- **Problem description**
Within the entries below, every line containing "project" is to be copied.

- Opening Delimiter -

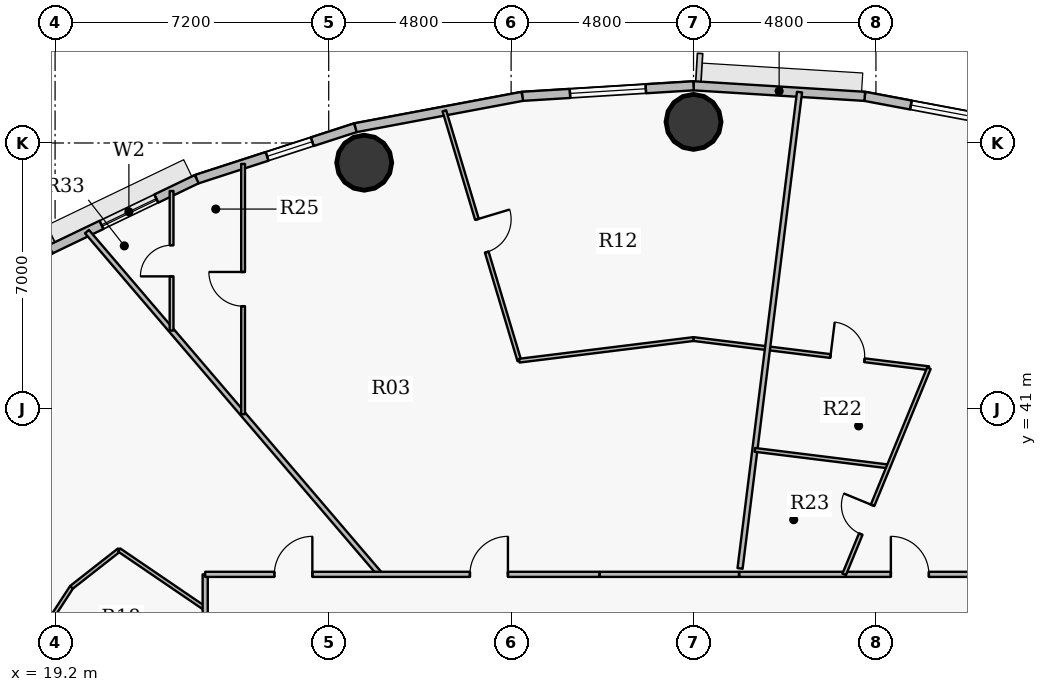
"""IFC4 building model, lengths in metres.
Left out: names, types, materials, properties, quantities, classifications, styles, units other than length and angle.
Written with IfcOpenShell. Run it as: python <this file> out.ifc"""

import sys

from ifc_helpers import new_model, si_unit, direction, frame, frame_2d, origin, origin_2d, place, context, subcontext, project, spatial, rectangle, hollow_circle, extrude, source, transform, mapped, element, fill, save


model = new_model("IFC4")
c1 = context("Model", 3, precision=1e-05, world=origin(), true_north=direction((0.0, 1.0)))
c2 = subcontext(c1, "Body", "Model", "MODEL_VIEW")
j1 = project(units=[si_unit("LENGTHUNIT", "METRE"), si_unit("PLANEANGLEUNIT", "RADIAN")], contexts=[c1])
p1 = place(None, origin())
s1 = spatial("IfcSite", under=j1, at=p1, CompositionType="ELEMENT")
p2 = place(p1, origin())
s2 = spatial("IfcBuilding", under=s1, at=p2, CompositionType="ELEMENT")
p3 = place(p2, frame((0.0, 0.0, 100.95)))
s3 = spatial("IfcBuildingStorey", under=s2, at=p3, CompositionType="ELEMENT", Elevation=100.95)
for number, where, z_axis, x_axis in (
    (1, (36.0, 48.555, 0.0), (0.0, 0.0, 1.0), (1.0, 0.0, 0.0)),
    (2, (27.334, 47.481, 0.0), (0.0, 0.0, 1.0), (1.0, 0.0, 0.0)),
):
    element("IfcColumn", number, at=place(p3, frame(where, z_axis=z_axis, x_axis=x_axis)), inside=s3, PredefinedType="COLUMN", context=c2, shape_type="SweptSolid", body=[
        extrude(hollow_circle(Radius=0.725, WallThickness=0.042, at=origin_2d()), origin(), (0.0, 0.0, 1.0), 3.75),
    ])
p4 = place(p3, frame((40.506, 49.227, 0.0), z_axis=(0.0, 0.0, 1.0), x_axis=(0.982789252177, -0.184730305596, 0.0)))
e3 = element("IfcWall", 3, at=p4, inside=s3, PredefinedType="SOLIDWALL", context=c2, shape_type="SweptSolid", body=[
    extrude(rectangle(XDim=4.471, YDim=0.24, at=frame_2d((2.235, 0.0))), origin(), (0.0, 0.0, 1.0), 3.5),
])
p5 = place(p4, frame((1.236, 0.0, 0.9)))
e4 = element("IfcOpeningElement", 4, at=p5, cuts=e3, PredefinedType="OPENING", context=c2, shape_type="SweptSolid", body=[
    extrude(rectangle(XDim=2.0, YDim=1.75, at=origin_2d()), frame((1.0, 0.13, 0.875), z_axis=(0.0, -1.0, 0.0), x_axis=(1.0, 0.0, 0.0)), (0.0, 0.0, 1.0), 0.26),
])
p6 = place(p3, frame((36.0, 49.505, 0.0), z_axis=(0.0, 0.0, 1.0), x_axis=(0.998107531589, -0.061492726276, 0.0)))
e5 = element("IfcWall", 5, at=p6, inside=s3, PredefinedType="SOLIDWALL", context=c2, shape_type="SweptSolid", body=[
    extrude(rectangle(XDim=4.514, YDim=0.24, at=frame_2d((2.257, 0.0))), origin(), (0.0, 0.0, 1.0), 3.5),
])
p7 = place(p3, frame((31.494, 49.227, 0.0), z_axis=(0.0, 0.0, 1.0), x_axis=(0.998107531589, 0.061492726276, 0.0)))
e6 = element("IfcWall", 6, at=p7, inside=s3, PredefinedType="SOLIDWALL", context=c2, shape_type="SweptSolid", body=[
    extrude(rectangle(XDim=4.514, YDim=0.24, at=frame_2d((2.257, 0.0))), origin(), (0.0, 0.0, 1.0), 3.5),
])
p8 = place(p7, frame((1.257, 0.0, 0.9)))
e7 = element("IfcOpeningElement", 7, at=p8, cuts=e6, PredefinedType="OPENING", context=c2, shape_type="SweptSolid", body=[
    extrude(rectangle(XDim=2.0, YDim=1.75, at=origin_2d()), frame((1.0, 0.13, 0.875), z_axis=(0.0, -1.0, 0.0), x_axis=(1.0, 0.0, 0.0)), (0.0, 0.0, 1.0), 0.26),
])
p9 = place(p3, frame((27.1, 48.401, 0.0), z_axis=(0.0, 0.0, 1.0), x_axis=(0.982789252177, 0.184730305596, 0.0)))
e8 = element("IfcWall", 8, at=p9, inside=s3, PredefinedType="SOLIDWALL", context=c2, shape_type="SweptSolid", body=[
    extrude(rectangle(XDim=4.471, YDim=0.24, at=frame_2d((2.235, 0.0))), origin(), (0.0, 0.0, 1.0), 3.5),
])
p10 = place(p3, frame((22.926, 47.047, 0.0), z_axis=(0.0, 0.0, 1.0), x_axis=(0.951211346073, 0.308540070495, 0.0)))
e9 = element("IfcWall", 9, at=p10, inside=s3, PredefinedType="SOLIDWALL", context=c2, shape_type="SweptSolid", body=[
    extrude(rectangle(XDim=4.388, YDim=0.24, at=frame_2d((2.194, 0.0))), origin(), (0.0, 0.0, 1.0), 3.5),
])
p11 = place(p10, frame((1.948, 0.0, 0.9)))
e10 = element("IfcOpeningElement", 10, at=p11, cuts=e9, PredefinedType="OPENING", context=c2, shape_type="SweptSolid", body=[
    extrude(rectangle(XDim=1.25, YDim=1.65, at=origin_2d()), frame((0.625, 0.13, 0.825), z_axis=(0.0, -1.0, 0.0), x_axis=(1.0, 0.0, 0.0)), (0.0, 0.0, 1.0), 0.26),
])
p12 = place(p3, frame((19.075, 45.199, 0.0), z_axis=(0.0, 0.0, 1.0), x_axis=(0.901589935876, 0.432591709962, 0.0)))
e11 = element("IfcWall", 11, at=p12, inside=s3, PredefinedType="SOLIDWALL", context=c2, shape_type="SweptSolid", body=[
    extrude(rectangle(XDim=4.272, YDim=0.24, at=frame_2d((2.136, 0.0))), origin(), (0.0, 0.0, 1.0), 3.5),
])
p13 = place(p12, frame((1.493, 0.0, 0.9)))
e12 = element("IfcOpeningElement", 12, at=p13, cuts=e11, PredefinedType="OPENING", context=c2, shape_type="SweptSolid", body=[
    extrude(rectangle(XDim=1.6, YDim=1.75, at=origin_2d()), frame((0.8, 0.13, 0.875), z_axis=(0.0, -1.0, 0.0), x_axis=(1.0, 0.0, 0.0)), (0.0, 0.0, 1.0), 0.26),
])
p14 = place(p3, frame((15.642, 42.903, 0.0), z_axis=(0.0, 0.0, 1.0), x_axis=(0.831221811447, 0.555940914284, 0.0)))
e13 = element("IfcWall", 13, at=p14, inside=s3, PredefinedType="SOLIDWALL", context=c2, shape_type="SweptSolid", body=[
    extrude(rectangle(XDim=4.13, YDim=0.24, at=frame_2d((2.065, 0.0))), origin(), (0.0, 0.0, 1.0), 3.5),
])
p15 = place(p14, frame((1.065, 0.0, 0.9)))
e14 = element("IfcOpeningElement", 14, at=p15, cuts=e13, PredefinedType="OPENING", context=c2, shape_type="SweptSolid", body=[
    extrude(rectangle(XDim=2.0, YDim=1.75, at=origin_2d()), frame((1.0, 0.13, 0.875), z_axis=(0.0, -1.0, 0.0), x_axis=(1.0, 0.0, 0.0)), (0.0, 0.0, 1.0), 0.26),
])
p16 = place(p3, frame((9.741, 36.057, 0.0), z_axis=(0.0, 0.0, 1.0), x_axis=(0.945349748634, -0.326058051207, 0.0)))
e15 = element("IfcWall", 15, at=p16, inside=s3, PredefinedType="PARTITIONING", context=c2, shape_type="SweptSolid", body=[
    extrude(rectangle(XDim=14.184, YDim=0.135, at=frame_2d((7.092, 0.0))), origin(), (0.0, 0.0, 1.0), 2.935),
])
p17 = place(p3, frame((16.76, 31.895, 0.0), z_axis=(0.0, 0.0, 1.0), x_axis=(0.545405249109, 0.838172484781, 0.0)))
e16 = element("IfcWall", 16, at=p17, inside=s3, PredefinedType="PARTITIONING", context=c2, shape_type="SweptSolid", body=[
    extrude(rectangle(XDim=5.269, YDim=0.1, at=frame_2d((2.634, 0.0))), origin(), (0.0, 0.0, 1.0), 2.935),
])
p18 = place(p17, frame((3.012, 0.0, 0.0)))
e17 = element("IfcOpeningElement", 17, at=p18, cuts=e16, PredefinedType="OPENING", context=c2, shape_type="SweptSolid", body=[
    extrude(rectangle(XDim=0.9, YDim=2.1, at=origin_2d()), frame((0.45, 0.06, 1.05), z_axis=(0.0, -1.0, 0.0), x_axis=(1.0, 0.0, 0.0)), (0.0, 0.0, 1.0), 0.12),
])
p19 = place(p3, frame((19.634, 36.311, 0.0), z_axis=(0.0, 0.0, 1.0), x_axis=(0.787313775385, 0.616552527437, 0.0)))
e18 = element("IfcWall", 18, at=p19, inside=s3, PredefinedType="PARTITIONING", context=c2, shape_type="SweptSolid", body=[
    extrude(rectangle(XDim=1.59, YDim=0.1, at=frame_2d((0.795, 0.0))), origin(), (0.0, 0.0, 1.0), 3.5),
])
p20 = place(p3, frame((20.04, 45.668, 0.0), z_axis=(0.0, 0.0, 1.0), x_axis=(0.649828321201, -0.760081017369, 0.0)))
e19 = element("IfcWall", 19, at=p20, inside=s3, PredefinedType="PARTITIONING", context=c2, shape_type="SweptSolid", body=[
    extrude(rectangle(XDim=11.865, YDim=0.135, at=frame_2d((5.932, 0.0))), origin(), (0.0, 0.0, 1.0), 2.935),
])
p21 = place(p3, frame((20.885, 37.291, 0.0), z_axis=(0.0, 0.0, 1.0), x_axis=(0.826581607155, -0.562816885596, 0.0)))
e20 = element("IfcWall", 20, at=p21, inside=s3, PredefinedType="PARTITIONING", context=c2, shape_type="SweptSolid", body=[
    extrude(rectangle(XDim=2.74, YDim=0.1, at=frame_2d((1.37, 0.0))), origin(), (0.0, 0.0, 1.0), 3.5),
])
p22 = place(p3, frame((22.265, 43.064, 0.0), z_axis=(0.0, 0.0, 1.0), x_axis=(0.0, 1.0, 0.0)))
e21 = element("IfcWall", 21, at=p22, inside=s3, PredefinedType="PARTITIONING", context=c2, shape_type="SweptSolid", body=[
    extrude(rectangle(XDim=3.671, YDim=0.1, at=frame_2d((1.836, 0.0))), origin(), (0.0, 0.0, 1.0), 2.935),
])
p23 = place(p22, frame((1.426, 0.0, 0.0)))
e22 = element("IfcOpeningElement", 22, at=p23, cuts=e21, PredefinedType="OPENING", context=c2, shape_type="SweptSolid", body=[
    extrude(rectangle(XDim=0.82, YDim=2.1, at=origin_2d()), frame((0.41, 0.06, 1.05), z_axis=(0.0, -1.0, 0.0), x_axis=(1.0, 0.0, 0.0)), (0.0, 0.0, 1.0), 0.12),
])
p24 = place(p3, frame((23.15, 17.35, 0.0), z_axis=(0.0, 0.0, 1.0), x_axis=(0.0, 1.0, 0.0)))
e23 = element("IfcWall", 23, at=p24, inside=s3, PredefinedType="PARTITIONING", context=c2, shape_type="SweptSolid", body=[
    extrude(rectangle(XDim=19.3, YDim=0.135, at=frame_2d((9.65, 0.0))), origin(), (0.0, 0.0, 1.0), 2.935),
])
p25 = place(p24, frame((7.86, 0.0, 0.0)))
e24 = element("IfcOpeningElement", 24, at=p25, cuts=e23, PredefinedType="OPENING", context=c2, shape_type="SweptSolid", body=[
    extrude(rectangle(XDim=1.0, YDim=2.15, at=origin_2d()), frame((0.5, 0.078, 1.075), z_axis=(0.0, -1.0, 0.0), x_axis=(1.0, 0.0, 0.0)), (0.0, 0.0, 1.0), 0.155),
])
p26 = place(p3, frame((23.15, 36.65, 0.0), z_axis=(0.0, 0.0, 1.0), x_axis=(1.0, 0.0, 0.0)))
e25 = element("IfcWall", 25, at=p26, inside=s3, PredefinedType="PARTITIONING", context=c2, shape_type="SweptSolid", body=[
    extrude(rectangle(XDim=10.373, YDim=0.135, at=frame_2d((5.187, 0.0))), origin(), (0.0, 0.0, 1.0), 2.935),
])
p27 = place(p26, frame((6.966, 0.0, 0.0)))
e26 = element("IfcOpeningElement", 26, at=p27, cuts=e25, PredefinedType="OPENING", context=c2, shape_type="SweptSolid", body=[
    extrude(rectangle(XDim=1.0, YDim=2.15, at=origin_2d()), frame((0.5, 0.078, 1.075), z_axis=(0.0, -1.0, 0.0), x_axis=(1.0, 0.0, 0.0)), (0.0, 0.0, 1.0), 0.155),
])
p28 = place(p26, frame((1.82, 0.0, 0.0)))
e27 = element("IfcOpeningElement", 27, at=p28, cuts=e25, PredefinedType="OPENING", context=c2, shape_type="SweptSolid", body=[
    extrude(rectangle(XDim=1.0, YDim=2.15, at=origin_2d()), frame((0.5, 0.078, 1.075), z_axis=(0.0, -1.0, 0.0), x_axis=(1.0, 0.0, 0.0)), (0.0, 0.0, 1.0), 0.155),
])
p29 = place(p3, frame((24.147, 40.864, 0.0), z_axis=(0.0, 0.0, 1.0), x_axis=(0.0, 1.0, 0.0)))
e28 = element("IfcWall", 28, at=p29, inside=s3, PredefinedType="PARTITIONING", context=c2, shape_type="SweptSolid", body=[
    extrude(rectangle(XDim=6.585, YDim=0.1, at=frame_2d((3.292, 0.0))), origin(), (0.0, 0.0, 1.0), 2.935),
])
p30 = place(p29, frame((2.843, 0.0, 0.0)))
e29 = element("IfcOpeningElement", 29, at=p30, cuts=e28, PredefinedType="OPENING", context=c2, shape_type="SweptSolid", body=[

- Closing Delimiter -

- **Result of the task**
from ifc_helpers import new_model, si_unit, direction, frame, frame_2d, origin, origin_2d, place, context, subcontext, project, spatial, rectangle, hollow_circle, extrude, source, transform, mapped, element, fill, save
j1 = project(units=[si_unit("LENGTHUNIT", "METRE"), si_unit("PLANEANGLEUNIT", "RADIAN")], contexts=[c1])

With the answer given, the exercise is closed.